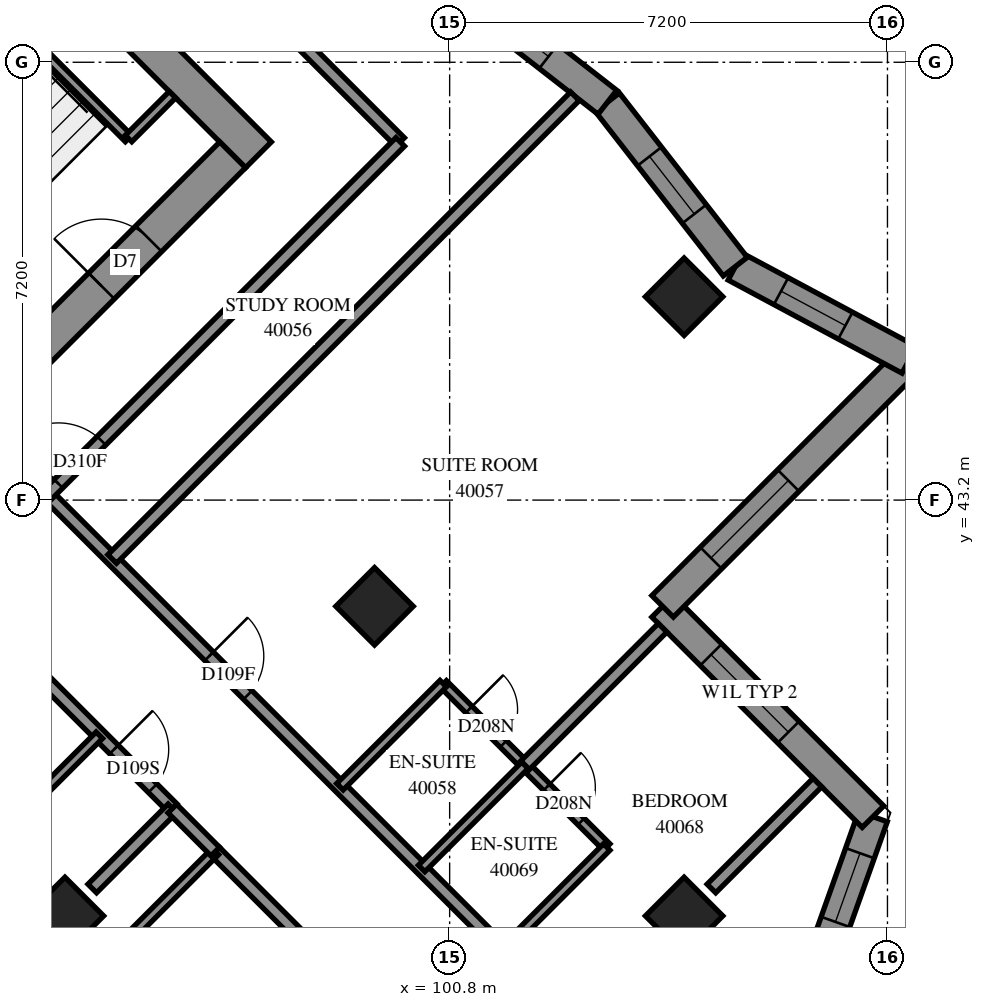
"""IFC4 building model, lengths in metres.
Left out: names, types, materials, properties, quantities, classifications, styles, units other than length and angle.
Written with IfcOpenShell. Run it as: python <this file> out.ifc"""

import sys

from ifc_helpers import new_model, si_unit, direction, frame, frame_2d, origin, origin_2d, place, context, subcontext, project, spatial, polyline, rectangle, outline, extrude, element, fill, save


model = new_model("IFC4")
c1 = context("Model", 3, precision=1e-05, world=origin(), true_north=direction((0.0, 1.0)))
c2 = subcontext(c1, "Body", "Model", "MODEL_VIEW")
j1 = project(units=[si_unit("LENGTHUNIT", "METRE"), si_unit("PLANEANGLEUNIT", "RADIAN")], contexts=[c1])
p1 = place(None, origin())
s1 = spatial("IfcSite", under=j1, at=p1, CompositionType="ELEMENT")
p2 = place(p1, origin())
s2 = spatial("IfcBuilding", under=s1, at=p2, CompositionType="ELEMENT")
p3 = place(p2, frame((0.0, 0.0, 149.0)))
s3 = spatial("IfcBuildingStorey", under=s2, at=p3, CompositionType="ELEMENT", Elevation=149.0)
for number, where, z_axis, x_axis in (
    (1, (104.656, 46.544, 0.0), (0.0, 0.0, 1.0), (0.707, -0.707, 0.0)),
    (2, (99.565, 41.453, 0.0), (0.0, 0.0, 1.0), (0.707, -0.707, 0.0)),
    (3, (94.474, 36.362, 0.0), (0.0, 0.0, 1.0), (0.707, -0.707, 0.0)),
    (4, (104.656, 36.362, 0.0), (0.0, 0.0, 1.0), (0.707, -0.707, 0.0)),
):
    element("IfcColumn", number, at=place(p3, frame(where, z_axis=z_axis, x_axis=x_axis)), inside=s3, PredefinedType="COLUMN", context=c2, shape_type="SweptSolid", body=[
        extrude(rectangle(XDim=0.9, YDim=0.9, at=origin_2d()), origin(), (0.0, 0.0, 1.0), 3.1),
    ])
p4 = place(p3, frame((86.625, 59.908, -0.3), z_axis=(0.0, 0.0, 1.0), x_axis=(0.7071067812, -0.7071067812, 0.0)))
e5 = element("IfcWall", 5, at=p4, inside=s3, PredefinedType="SHEAR", context=c2, shape_type="SweptSolid", body=[
    extrude(rectangle(XDim=15.6, YDim=0.6, at=frame_2d((7.8, 0.0))), origin(), (0.0, 0.0, 1.0), 2.7),
])
p5 = place(p4, frame((10.6, 0.0, 0.3)))
e6 = element("IfcOpeningElement", 6, at=p5, cuts=e5, PredefinedType="OPENING", context=c2, shape_type="SweptSolid", body=[
    extrude(rectangle(XDim=0.8, YDim=2.1, at=frame_2d((0.4, 1.05))), frame((0.0, 0.31, 0.0), z_axis=(0.0, -1.0, 0.0), x_axis=(1.0, 0.0, 0.0)), (0.0, 0.0, 1.0), 0.62),
])
p6 = place(p3, frame((87.049, 38.695, -0.3), z_axis=(0.0, 0.0, 1.0), x_axis=(0.7071067812, 0.7071067812, 0.0)))
e7 = element("IfcWall", 7, at=p6, inside=s3, PredefinedType="SHEAR", context=c2, shape_type="SweptSolid", body=[
    extrude(rectangle(XDim=14.4, YDim=0.6, at=frame_2d((7.2, 0.0))), origin(), (0.0, 0.0, 1.0), 2.7),
])
p7 = place(p6, frame((4.55, 0.0, 0.3)))
e8 = element("IfcOpeningElement", 8, at=p7, cuts=e7, PredefinedType="OPENING", context=c2, shape_type="SweptSolid", body=[
    extrude(rectangle(XDim=1.1, YDim=2.1, at=frame_2d((0.55, 1.05))), frame((0.0, 0.31, 0.0), z_axis=(0.0, -1.0, 0.0), x_axis=(1.0, 0.0, 0.0)), (0.0, 0.0, 1.0), 0.62),
])
p8 = place(p6, frame((11.35, 0.0, 0.3)))
e9 = element("IfcOpeningElement", 9, at=p8, cuts=e7, PredefinedType="OPENING", context=c2, shape_type="SweptSolid", body=[
    extrude(rectangle(XDim=1.1, YDim=2.1, at=frame_2d((0.55, 1.05))), frame((0.0, 0.31, 0.0), z_axis=(0.0, -1.0, 0.0), x_axis=(1.0, 0.0, 0.0)), (0.0, 0.0, 1.0), 0.62),
])
p9 = place(p3, frame((105.975, 32.978, 0.0), z_axis=(0.0, 0.0, 1.0), x_axis=(0.3355165031, 0.9420343285, 0.0)))
e10 = element("IfcWall", 10, at=p9, inside=s3, PredefinedType="SOLIDWALL", context=c2, shape_type="SweptSolid", body=[
    extrude(outline(polyline([(-0.114, -0.25), (5.482, -0.25), (5.166, 0.25), (0.114, 0.25), (-0.114, -0.25)])), origin(), (0.0, 0.0, 1.0), 3.1),
])
p10 = place(p9, frame((1.161, 0.0, 0.45)))
e11 = element("IfcOpeningElement", 11, at=p10, cuts=e10, PredefinedType="OPENING", context=c2, shape_type="SweptSolid", body=[
    extrude(rectangle(XDim=1.2, YDim=2.5, at=frame_2d((0.6, 1.25))), frame((0.0, 0.26, 0.0), z_axis=(0.0, -1.0, 0.0), x_axis=(1.0, 0.0, 0.0)), (0.0, 0.0, 1.0), 0.52),
])
p11 = place(p9, frame((3.487, 0.0, 0.45)))
e12 = element("IfcOpeningElement", 12, at=p11, cuts=e10, PredefinedType="OPENING", context=c2, shape_type="SweptSolid", body=[
    extrude(rectangle(XDim=1.2, YDim=2.5, at=frame_2d((0.6, 1.25))), frame((0.0, 0.26, 0.0), z_axis=(0.0, -1.0, 0.0), x_axis=(1.0, 0.0, 0.0)), (0.0, 0.0, 1.0), 0.52),
])
p12 = place(p3, frame((107.761, 37.994, 0.0), z_axis=(0.0, 0.0, 1.0), x_axis=(-0.7071272222, 0.7070863396, 0.0)))
e13 = element("IfcWall", 13, at=p12, inside=s3, PredefinedType="SOLIDWALL", context=c2, shape_type="SweptSolid", body=[
    extrude(outline(polyline([(-0.158, -0.25), (4.642, -0.25), (5.142, 0.25), (0.158, 0.25), (-0.158, -0.25)])), origin(), (0.0, 0.0, 1.0), 3.1),
])
p13 = place(p12, frame((1.967, 0.0, 0.6)))
e14 = element("IfcOpeningElement", 14, at=p13, cuts=e13, PredefinedType="OPENING", context=c2, shape_type="SweptSolid", body=[
    extrude(rectangle(XDim=1.8, YDim=1.9, at=frame_2d((0.9, 0.95))), frame((0.0, 0.26, 0.0), z_axis=(0.0, -1.0, 0.0), x_axis=(1.0, 0.0, 0.0)), (0.0, 0.0, 1.0), 0.52),
])
p14 = place(p3, frame((104.302, 41.453, 0.0), z_axis=(0.0, 0.0, 1.0), x_axis=(0.7071242197, 0.7070893422, 0.0)))
e15 = element("IfcWall", 15, at=p14, inside=s3, PredefinedType="SOLIDWALL", context=c2, shape_type="SweptSolid", body=[
    extrude(outline(polyline([(0.25, -0.25), (6.071, -0.25), (5.397, 0.25), (-0.25, 0.25), (0.25, -0.25)])), origin(), (0.0, 0.0, 1.0), 3.1),
])
p15 = place(p14, frame((1.125, 0.0, 0.6)))
e16 = element("IfcOpeningElement", 16, at=p15, cuts=e15, PredefinedType="OPENING", context=c2, shape_type="SweptSolid", body=[
    extrude(rectangle(XDim=1.8, YDim=1.9, at=frame_2d((0.9, 0.95))), frame((0.0, 0.26, 0.0), z_axis=(0.0, -1.0, 0.0), x_axis=(1.0, 0.0, 0.0)), (0.0, 0.0, 1.0), 0.52),
])
p16 = place(p3, frame((108.357, 45.508, 0.0), z_axis=(0.0, 0.0, 1.0), x_axis=(-0.8815024249, 0.4721794944, 0.0)))
e17 = element("IfcWall", 17, at=p16, inside=s3, PredefinedType="SOLIDWALL", context=c2, shape_type="SweptSolid", body=[
    extrude(outline(polyline([(-0.337, -0.25), (3.191, -0.25), (3.297, 0.25), (0.337, 0.25), (-0.337, -0.25)])), origin(), (0.0, 0.0, 1.0), 3.1),
])
p17 = place(p16, frame((1.19, 0.0, 0.45)))
e18 = element("IfcOpeningElement", 18, at=p17, cuts=e17, PredefinedType="OPENING", context=c2, shape_type="SweptSolid", body=[
    extrude(rectangle(XDim=1.2, YDim=2.5, at=frame_2d((0.6, 1.25))), frame((0.0, 0.26, 0.0), z_axis=(0.0, -1.0, 0.0), x_axis=(1.0, 0.0, 0.0)), (0.0, 0.0, 1.0), 0.52),
])
p18 = place(p3, frame((105.498, 47.039, 0.0), z_axis=(0.0, 0.0, 1.0), x_axis=(-0.6141912527, 0.7891572119, 0.0)))
e19 = element("IfcWall", 19, at=p18, inside=s3, PredefinedType="SOLIDWALL", context=c2, shape_type="SweptSolid", body=[
    extrude(outline(polyline([(0.053, -0.25), (3.456, -0.25), (3.393, 0.25), (-0.053, 0.25), (0.053, -0.25)])), origin(), (0.0, 0.0, 1.0), 3.1),
])
p19 = place(p18, frame((1.097, 0.0, 0.45)))
e20 = element("IfcOpeningElement", 20, at=p19, cuts=e19, PredefinedType="OPENING", context=c2, shape_type="SweptSolid", body=[
    extrude(rectangle(XDim=1.2, YDim=2.5, at=frame_2d((0.6, 1.25))), frame((0.0, 0.26, 0.0), z_axis=(0.0, -1.0, 0.0), x_axis=(1.0, 0.0, 0.0)), (0.0, 0.0, 1.0), 0.52),
])
p20 = place(p3, frame((103.394, 49.742, 0.0), z_axis=(0.0, 0.0, 1.0), x_axis=(-0.7891622864, 0.6141847326, 0.0)))
e21 = element("IfcWall", 21, at=p20, inside=s3, PredefinedType="SOLIDWALL", context=c2, shape_type="SweptSolid", body=[
    extrude(outline(polyline([(-0.031, -0.25), (3.372, -0.25), (3.434, 0.25), (0.031, 0.25), (-0.031, -0.25)])), origin(), (0.0, 0.0, 1.0), 3.1),
])
p21 = place(p20, frame((1.226, 0.0, 0.45)))
e22 = element("IfcOpeningElement", 22, at=p21, cuts=e21, PredefinedType="OPENING", context=c2, shape_type="SweptSolid", body=[
    extrude(rectangle(XDim=1.2, YDim=2.5, at=frame_2d((0.6, 1.25))), frame((0.0, 0.26, 0.0), z_axis=(0.0, -1.0, 0.0), x_axis=(1.0, 0.0, 0.0)), (0.0, 0.0, 1.0), 0.52),
])
p22 = place(p3, frame((91.313, 53.354, 0.0), z_axis=(0.0, 0.0, 1.0), x_axis=(0.7071067812, -0.7071067812, 0.0)))
e23 = element("IfcWall", 23, at=p22, inside=s3, PredefinedType="PARTITIONING", context=c2, shape_type="SweptSolid", body=[
    extrude(rectangle(XDim=5.95, YDim=0.15, at=frame_2d((2.975, 0.0))), origin(), (0.0, 0.0, 1.0), 3.1),
])
p23 = place(p3, frame((95.52, 49.146, 0.0), z_axis=(0.0, 0.0, 1.0), x_axis=(0.7071067812, 0.7071067812, 0.0)))
e24 = element("IfcWall", 24, at=p23, inside=s3, PredefinedType="PARTITIONING", context=c2, shape_type="SweptSolid", body=[
    extrude(rectangle(XDim=1.02, YDim=0.15, at=frame_2d((0.51, 0.0))), origin(), (0.0, 0.0, 1.0), 3.1),
])
p24 = place(p3, frame((94.189, 43.287, 0.0), z_axis=(0.0, 0.0, 1.0), x_axis=(0.7071067812, -0.7071067812, 0.0)))
e25 = element("IfcWall", 25, at=p24, inside=s3, PredefinedType="PARTITIONING", context=c2, shape_type="SweptSolid", body=[
    extrude(rectangle(XDim=12.298, YDim=0.2, at=frame_2d((6.149, 0.0))), origin(), (0.0, 0.0, 1.0), 3.1),
])
p25 = place(p24, frame((3.755, 0.0, 0.0)))
e26 = element("IfcOpeningElement", 26, at=p25, cuts=e25, PredefinedType="OPENING", context=c2, shape_type="SweptSolid", body=[
    extrude(rectangle(XDim=0.9, YDim=2.1, at=frame_2d((0.45, 1.05))), frame((0.0, 0.11, 0.0), z_axis=(0.0, -1.0, 0.0), x_axis=(1.0, 0.0, 0.0)), (0.0, 0.0, 1.0), 0.22),
])
p26 = place(p24, frame((10.998, 0.0, 0.0)))
e27 = element("IfcOpeningElement", 27, at=p26, cuts=e25, PredefinedType="OPENING", context=c2, shape_type="SweptSolid", body=[
    extrude(rectangle(XDim=0.9, YDim=2.1, at=frame_2d((0.45, 1.05))), frame((0.0, 0.11, 0.0), z_axis=(0.0, -1.0, 0.0), x_axis=(1.0, 0.0, 0.0)), (0.0, 0.0, 1.0), 0.22),
])
p27 = place(p3, frame((91.755, 57.317, 0.0), z_axis=(0.0, 0.0, 1.0), x_axis=(0.7071067812, -0.7071067812, 0.0)))
e28 = element("IfcWall", 28, at=p27, inside=s3, PredefinedType="PARTITIONING", context=c2, shape_type="SweptSolid", body=[
    extrude(rectangle(XDim=11.639, YDim=0.2, at=frame_2d((5.819, 0.0))), origin(), (0.0, 0.0, 1.0), 3.1),
])
p28 = place(p3, frame((95.25, 42.232, 0.0), z_axis=(0.0, 0.0, 1.0), x_axis=(0.7071114274, 0.7071021349, 0.0)))
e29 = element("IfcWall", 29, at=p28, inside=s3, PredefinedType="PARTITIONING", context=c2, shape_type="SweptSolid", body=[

_EXERCISE INSTRUCTIONS_.
Only lines that include "project" belong in the answer; copy all of them from the listing.

_SOLVED PROBLEM_.
from ifc_helpers import new_model, si_unit, direction, frame, frame_2d, origin, origin_2d, place, context, subcontext, project, spatial, polyline, rectangle, outline, extrude, element, fill, save
j1 = project(units=[si_unit("LENGTHUNIT", "METRE"), si_unit("PLANEANGLEUNIT", "RADIAN")], contexts=[c1])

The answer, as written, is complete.